- _Task statement_
Locate each line with the string "units" in the listing below and copy it.

- _Supplied data_

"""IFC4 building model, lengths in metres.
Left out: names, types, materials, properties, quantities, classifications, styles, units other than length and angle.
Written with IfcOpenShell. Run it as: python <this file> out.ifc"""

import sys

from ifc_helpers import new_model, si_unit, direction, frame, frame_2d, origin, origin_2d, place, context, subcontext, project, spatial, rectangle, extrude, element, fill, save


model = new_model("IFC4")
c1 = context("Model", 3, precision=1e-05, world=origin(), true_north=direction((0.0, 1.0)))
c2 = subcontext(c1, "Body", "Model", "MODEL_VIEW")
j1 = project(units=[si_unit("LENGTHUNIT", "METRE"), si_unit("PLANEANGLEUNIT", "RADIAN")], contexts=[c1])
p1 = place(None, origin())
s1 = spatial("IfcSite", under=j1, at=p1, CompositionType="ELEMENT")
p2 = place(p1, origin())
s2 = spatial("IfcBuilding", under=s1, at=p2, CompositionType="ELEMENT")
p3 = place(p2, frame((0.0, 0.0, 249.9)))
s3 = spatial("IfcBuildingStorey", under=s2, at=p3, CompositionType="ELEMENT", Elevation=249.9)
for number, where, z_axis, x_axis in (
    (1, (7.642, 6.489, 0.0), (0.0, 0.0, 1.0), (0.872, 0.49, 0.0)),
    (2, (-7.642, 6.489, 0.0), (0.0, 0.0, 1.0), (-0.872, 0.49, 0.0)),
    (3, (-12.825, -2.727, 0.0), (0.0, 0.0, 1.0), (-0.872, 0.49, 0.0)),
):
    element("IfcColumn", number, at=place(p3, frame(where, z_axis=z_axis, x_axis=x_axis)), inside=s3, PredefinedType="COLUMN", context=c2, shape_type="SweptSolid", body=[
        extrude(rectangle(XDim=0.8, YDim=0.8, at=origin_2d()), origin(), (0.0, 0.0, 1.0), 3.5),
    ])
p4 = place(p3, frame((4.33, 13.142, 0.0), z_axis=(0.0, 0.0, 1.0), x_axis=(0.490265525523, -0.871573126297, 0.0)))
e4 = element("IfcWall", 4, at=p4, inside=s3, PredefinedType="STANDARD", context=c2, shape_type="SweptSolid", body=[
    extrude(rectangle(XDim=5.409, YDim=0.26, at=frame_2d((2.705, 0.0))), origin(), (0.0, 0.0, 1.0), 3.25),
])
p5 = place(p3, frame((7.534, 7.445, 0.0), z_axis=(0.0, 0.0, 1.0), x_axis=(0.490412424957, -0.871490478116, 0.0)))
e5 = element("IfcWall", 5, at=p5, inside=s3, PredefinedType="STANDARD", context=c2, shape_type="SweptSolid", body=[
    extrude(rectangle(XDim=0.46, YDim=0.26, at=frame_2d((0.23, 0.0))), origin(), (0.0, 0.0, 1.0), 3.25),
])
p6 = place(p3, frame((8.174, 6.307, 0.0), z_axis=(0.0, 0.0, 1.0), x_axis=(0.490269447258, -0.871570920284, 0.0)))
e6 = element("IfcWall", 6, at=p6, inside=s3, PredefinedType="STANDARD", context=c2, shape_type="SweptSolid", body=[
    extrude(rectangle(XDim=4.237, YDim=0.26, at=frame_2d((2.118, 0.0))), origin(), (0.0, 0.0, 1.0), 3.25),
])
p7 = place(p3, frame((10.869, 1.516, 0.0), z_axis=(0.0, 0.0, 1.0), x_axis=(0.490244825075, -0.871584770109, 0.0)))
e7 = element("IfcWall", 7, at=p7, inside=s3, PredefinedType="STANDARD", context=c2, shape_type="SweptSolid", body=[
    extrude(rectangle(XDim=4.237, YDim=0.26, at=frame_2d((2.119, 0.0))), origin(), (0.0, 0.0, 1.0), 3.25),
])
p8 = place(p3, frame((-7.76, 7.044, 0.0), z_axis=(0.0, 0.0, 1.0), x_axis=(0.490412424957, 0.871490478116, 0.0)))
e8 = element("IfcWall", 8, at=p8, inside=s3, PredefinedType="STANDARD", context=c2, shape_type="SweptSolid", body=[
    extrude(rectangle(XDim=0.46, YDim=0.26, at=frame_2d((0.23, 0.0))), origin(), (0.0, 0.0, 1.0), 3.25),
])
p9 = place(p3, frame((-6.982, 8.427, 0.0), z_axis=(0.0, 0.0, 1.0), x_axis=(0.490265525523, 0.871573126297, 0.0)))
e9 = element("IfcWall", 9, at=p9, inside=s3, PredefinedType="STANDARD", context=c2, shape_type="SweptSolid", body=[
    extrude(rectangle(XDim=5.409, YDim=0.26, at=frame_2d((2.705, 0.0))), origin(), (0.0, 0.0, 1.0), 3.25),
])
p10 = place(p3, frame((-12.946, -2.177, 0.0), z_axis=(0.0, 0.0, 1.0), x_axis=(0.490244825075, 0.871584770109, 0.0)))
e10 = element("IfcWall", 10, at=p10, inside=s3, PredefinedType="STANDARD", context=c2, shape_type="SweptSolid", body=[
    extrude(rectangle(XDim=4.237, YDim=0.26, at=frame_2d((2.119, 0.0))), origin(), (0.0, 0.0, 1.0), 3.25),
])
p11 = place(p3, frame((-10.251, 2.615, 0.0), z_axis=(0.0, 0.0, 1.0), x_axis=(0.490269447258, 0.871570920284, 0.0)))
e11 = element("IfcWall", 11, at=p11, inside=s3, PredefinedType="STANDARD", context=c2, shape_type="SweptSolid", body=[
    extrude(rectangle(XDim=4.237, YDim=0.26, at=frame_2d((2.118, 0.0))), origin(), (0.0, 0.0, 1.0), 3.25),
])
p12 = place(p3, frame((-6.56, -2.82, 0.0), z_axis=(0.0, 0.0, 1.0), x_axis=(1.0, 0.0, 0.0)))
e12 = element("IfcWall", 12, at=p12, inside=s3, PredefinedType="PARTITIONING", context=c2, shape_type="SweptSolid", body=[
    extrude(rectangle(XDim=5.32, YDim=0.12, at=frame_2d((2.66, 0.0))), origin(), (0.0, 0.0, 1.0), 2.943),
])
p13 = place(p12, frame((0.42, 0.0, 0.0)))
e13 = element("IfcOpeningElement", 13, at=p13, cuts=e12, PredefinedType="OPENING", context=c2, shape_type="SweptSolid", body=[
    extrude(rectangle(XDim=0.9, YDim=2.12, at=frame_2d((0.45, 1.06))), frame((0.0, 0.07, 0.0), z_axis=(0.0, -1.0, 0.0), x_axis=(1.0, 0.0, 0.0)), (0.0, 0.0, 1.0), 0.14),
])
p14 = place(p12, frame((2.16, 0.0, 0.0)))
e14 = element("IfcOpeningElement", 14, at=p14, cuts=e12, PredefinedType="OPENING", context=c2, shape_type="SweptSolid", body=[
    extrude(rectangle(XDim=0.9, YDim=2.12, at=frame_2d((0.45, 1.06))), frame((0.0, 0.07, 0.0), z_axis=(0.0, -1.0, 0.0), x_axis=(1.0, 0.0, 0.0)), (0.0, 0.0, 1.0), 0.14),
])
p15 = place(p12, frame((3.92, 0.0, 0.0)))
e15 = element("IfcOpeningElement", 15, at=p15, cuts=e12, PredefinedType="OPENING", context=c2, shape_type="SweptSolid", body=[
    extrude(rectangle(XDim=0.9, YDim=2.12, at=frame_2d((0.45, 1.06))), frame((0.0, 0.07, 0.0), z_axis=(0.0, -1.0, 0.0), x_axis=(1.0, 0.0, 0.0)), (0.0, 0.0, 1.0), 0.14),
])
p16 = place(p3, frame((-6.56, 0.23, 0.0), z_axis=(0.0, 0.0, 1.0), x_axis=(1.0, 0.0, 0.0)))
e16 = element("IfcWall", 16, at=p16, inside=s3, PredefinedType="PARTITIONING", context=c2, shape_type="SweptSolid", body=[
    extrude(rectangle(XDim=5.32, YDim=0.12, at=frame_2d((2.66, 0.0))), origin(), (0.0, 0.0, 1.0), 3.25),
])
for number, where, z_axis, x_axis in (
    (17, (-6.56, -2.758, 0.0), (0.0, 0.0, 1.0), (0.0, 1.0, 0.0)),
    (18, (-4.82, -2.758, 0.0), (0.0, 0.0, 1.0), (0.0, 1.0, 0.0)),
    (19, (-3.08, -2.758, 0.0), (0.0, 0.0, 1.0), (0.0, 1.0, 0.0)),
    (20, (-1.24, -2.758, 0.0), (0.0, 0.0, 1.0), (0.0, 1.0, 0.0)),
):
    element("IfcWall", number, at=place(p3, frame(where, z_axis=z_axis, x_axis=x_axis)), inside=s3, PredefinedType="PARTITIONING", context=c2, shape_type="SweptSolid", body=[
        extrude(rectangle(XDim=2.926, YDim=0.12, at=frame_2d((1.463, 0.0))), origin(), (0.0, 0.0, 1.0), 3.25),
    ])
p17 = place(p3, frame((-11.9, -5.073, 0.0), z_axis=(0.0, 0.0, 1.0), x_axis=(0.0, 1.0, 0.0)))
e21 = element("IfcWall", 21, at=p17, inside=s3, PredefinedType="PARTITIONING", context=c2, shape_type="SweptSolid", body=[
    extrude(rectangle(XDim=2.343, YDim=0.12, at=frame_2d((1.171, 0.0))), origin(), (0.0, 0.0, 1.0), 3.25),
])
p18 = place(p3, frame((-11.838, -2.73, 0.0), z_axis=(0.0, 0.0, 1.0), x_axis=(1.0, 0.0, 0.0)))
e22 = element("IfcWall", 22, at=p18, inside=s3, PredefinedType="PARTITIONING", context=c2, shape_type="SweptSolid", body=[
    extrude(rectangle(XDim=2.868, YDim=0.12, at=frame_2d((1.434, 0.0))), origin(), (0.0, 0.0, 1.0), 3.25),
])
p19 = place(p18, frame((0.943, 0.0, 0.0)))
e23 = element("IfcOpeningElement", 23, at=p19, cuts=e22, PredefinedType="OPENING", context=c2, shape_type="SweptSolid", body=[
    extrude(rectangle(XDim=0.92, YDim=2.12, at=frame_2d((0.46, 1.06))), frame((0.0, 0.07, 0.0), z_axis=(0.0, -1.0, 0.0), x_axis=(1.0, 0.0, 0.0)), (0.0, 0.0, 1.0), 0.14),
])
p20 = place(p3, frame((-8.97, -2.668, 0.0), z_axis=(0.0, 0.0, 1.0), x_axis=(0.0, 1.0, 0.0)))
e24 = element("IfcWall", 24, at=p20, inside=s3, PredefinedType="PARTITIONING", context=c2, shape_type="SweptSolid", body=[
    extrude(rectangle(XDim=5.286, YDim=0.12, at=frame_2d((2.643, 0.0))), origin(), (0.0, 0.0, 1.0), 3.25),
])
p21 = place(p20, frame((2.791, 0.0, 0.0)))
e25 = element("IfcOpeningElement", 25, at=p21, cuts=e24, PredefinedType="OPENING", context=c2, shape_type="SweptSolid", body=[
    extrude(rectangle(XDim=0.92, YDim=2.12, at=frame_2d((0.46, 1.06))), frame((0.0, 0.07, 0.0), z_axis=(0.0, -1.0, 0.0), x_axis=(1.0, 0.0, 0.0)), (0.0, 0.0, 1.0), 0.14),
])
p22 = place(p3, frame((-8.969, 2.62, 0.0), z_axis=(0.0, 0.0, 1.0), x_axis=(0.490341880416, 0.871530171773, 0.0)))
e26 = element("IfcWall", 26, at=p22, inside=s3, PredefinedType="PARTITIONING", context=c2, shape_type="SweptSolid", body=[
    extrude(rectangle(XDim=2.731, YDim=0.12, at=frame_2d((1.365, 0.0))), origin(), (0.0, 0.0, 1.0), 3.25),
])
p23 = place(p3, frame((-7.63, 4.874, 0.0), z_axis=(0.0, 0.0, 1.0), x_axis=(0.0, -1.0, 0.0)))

- _Answer space_
Left out: names, types, materials, properties, quantities, classifications, styles, units other than length and angle.
j1 = project(units=[si_unit("LENGTHUNIT", "METRE"), si_unit("PLANEANGLEUNIT", "RADIAN")], contexts=[c1])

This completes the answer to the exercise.